**Work to be completed**
Pull every line that includes the word "direction" from the data.

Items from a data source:
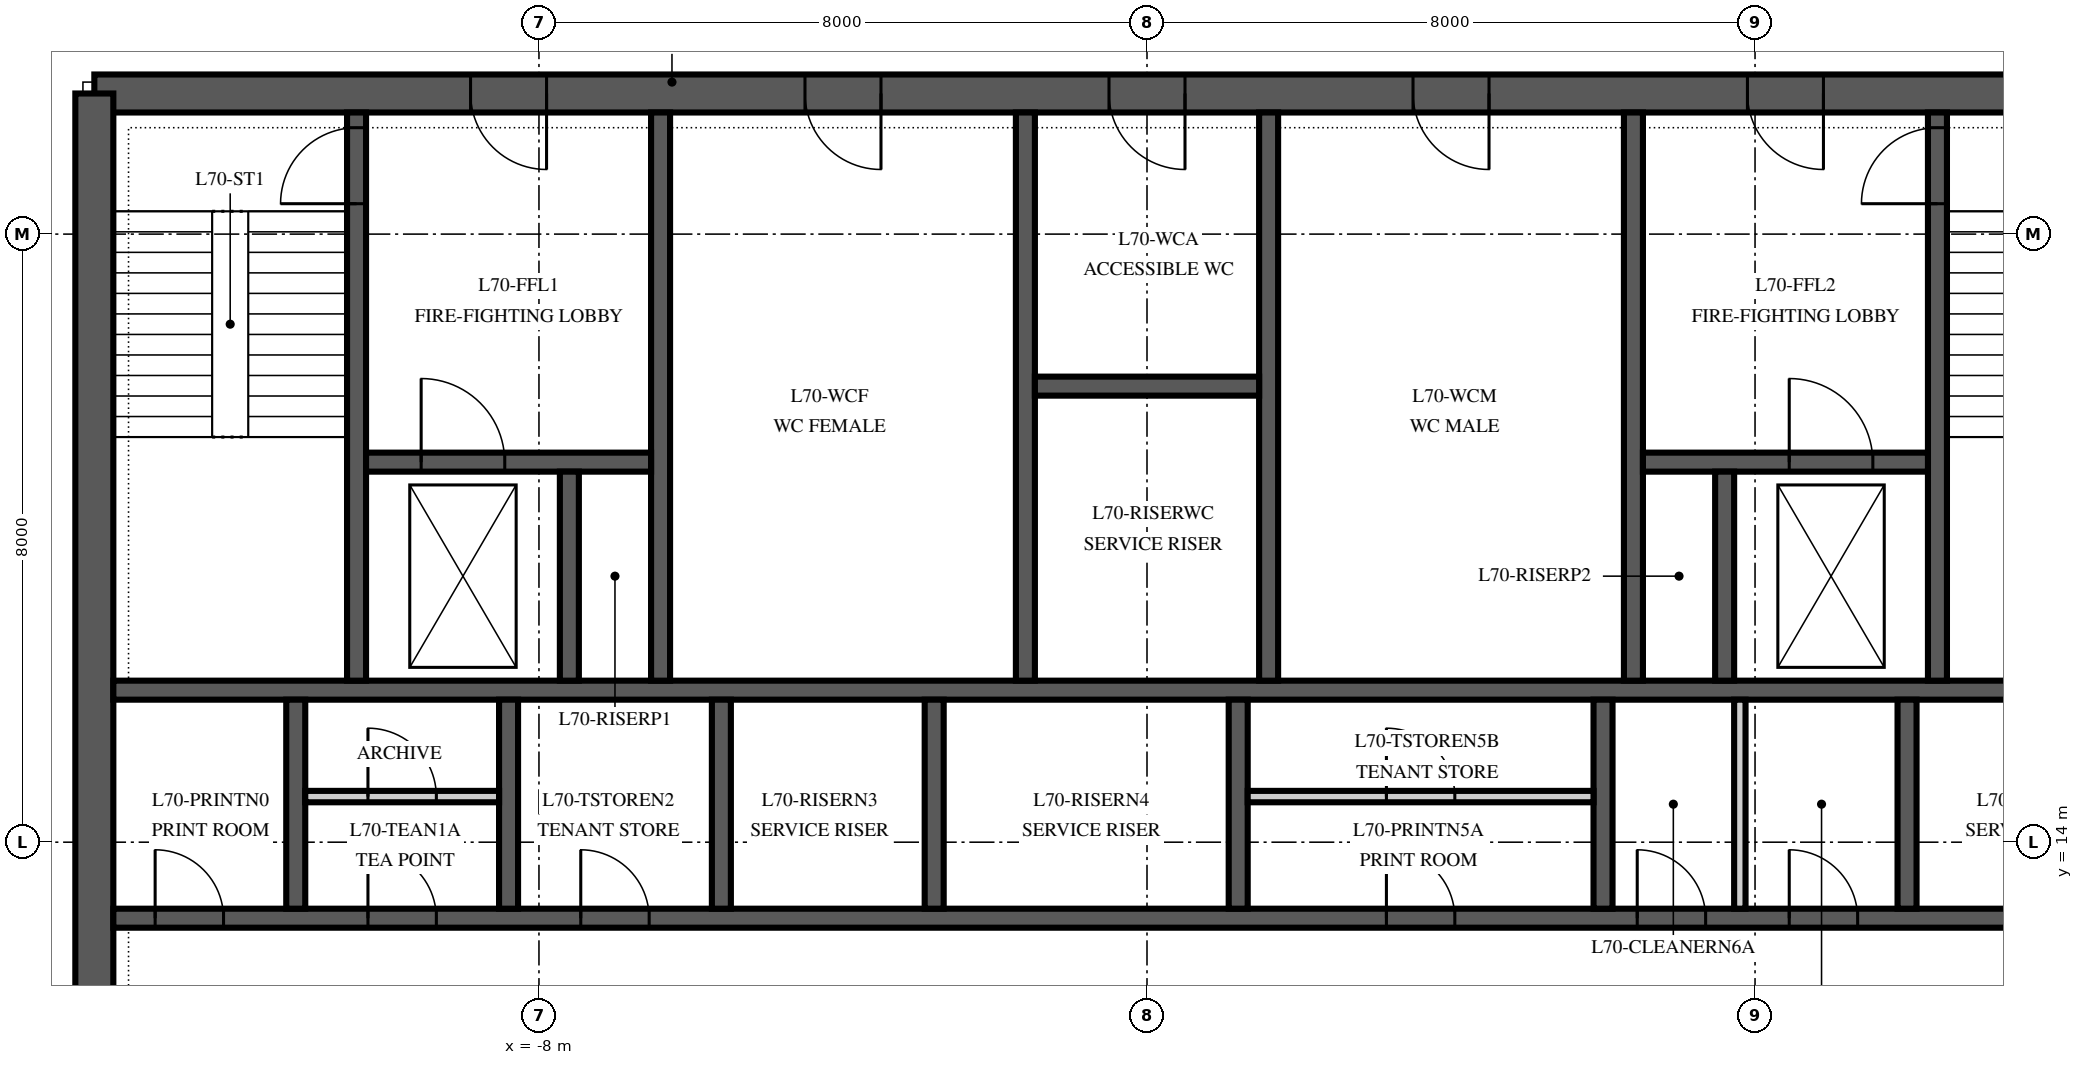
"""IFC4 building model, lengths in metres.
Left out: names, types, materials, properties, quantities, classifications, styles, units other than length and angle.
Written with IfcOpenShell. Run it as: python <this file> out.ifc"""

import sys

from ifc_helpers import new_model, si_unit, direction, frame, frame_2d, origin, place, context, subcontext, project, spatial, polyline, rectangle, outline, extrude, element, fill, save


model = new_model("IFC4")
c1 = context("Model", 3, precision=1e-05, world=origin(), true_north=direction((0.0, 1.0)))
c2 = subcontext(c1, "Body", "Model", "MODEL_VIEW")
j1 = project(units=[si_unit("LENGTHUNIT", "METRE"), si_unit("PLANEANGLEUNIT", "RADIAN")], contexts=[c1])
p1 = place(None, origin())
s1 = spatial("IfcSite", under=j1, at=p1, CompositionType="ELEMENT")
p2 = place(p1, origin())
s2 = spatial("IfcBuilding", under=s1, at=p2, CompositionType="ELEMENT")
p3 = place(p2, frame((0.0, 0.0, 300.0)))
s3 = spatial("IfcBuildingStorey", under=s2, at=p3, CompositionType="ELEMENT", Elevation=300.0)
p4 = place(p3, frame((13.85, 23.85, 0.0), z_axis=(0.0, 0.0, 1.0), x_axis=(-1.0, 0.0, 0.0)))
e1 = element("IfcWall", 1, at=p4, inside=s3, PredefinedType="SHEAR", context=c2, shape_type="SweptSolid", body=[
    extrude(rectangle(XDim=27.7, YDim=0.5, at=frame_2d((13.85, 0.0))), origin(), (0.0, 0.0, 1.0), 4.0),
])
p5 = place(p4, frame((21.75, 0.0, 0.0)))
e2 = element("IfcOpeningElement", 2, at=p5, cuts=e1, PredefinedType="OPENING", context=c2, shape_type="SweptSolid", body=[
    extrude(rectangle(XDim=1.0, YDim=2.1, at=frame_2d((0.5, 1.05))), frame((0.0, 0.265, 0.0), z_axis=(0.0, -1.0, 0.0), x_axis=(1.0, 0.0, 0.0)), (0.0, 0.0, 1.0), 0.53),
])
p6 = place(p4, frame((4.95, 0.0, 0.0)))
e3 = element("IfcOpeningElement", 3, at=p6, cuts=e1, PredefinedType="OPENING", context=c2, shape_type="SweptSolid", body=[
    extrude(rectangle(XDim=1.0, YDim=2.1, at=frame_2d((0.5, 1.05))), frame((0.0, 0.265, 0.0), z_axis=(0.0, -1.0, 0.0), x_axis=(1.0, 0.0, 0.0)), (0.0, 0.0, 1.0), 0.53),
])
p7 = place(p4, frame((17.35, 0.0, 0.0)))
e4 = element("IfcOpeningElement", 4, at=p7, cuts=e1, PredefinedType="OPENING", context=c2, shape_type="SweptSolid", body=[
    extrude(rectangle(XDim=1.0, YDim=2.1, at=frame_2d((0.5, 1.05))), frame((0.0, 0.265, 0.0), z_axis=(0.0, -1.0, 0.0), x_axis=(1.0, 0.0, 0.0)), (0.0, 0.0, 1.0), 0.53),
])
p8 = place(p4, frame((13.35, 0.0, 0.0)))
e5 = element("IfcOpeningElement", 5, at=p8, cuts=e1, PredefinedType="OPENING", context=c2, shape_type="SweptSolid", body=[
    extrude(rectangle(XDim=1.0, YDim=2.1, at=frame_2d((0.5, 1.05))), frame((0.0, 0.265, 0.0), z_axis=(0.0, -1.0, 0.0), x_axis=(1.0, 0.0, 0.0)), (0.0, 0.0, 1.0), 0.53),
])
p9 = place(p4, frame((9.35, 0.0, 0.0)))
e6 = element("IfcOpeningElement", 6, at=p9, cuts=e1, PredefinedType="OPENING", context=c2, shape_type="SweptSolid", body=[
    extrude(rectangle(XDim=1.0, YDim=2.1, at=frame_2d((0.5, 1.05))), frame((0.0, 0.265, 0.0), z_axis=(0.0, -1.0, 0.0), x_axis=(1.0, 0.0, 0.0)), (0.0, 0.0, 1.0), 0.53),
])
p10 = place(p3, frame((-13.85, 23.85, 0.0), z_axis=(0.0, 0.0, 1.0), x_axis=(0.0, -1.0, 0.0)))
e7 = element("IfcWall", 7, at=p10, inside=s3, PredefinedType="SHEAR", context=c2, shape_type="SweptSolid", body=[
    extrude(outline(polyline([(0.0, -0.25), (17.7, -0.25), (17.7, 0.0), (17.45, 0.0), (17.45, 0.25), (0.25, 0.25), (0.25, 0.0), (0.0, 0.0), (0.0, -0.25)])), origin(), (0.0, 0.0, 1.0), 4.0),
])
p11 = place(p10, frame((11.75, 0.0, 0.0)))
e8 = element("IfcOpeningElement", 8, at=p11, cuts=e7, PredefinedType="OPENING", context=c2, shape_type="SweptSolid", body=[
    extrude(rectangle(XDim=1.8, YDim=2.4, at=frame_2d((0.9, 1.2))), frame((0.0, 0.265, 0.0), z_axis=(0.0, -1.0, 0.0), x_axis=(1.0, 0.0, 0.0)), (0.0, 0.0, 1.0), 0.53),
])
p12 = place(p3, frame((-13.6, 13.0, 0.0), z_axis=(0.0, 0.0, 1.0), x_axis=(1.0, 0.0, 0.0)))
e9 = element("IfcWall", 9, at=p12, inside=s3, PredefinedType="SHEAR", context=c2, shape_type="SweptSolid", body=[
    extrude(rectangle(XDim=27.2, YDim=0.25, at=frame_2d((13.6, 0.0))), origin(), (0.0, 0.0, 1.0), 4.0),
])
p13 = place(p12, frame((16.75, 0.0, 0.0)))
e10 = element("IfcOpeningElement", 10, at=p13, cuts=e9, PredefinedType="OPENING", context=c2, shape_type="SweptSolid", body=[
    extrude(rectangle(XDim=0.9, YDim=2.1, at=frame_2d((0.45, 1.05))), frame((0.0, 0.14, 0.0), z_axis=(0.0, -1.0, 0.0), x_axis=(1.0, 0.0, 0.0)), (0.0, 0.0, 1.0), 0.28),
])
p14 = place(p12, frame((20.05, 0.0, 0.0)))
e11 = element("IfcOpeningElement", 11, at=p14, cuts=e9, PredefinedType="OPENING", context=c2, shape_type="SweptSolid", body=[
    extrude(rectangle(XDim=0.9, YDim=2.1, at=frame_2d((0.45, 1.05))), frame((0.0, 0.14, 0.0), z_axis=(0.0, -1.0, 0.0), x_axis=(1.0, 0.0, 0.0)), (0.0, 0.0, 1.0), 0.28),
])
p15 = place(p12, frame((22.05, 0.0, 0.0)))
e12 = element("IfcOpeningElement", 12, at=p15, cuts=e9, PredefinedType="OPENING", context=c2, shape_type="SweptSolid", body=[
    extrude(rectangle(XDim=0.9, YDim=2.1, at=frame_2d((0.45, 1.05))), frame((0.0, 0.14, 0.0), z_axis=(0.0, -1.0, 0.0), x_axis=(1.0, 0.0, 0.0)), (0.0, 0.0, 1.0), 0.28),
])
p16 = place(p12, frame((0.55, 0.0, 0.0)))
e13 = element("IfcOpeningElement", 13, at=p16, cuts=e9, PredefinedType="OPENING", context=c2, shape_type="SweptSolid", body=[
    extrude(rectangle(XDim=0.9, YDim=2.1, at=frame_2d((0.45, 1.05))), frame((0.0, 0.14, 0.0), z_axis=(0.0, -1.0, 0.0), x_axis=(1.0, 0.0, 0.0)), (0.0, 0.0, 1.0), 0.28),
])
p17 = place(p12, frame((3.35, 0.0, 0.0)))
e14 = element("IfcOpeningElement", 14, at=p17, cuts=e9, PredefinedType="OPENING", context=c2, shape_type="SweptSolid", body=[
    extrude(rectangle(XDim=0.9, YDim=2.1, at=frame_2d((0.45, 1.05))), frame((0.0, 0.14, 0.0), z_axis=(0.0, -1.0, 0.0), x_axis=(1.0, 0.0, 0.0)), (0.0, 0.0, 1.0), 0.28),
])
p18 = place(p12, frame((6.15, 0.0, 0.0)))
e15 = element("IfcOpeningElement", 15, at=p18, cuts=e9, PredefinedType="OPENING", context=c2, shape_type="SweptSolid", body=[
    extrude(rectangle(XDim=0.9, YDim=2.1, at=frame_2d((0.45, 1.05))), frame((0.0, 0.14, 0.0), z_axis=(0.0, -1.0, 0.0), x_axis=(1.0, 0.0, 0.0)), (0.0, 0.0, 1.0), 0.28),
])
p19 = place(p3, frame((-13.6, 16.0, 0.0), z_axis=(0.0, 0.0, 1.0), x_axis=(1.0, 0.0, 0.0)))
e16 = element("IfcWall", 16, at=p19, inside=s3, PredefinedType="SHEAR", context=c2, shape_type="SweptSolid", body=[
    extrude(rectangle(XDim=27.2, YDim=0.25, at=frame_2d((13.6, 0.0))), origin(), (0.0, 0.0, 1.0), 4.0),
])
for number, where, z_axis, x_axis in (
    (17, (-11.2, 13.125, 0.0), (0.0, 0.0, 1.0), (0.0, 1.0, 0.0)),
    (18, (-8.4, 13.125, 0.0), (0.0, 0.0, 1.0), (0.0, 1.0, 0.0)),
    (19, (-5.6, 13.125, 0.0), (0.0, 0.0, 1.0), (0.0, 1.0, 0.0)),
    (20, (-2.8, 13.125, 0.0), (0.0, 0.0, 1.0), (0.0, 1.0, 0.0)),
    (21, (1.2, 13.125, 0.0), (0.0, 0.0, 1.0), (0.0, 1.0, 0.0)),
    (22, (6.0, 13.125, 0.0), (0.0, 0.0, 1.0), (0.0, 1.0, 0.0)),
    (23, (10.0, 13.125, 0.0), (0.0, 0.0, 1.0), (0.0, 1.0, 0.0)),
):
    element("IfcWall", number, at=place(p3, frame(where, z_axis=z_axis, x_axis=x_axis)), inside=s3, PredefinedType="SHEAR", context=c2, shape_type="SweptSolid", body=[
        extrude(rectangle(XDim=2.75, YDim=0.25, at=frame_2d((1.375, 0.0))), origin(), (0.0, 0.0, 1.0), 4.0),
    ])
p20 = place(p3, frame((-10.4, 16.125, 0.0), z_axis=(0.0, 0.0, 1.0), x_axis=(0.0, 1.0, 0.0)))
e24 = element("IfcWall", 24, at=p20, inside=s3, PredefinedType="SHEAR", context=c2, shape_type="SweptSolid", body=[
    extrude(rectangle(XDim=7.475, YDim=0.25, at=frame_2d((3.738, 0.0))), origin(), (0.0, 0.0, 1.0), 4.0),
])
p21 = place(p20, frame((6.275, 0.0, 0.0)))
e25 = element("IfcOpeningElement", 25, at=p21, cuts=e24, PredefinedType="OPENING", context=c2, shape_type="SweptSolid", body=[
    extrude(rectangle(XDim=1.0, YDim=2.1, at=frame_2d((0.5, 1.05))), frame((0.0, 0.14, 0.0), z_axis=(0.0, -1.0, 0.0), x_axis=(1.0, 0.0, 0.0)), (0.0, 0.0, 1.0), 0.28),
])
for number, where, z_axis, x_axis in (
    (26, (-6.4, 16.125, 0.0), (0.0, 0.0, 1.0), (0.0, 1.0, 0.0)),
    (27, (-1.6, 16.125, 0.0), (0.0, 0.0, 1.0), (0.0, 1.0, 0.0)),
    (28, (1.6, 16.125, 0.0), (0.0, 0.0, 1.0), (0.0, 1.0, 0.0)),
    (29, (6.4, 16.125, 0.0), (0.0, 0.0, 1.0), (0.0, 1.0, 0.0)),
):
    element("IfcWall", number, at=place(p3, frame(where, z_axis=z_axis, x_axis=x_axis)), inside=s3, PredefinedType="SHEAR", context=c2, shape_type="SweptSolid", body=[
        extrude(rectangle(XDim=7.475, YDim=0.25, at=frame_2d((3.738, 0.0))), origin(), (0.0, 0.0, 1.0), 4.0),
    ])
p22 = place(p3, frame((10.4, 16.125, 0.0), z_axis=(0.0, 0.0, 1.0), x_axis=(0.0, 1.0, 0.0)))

**Result of the task**
from ifc_helpers import new_model, si_unit, direction, frame, frame_2d, origin, place, context, subcontext, project, spatial, polyline, rectangle, outline, extrude, element, fill, save
c1 = context("Model", 3, precision=1e-05, world=origin(), true_north=direction((0.0, 1.0)))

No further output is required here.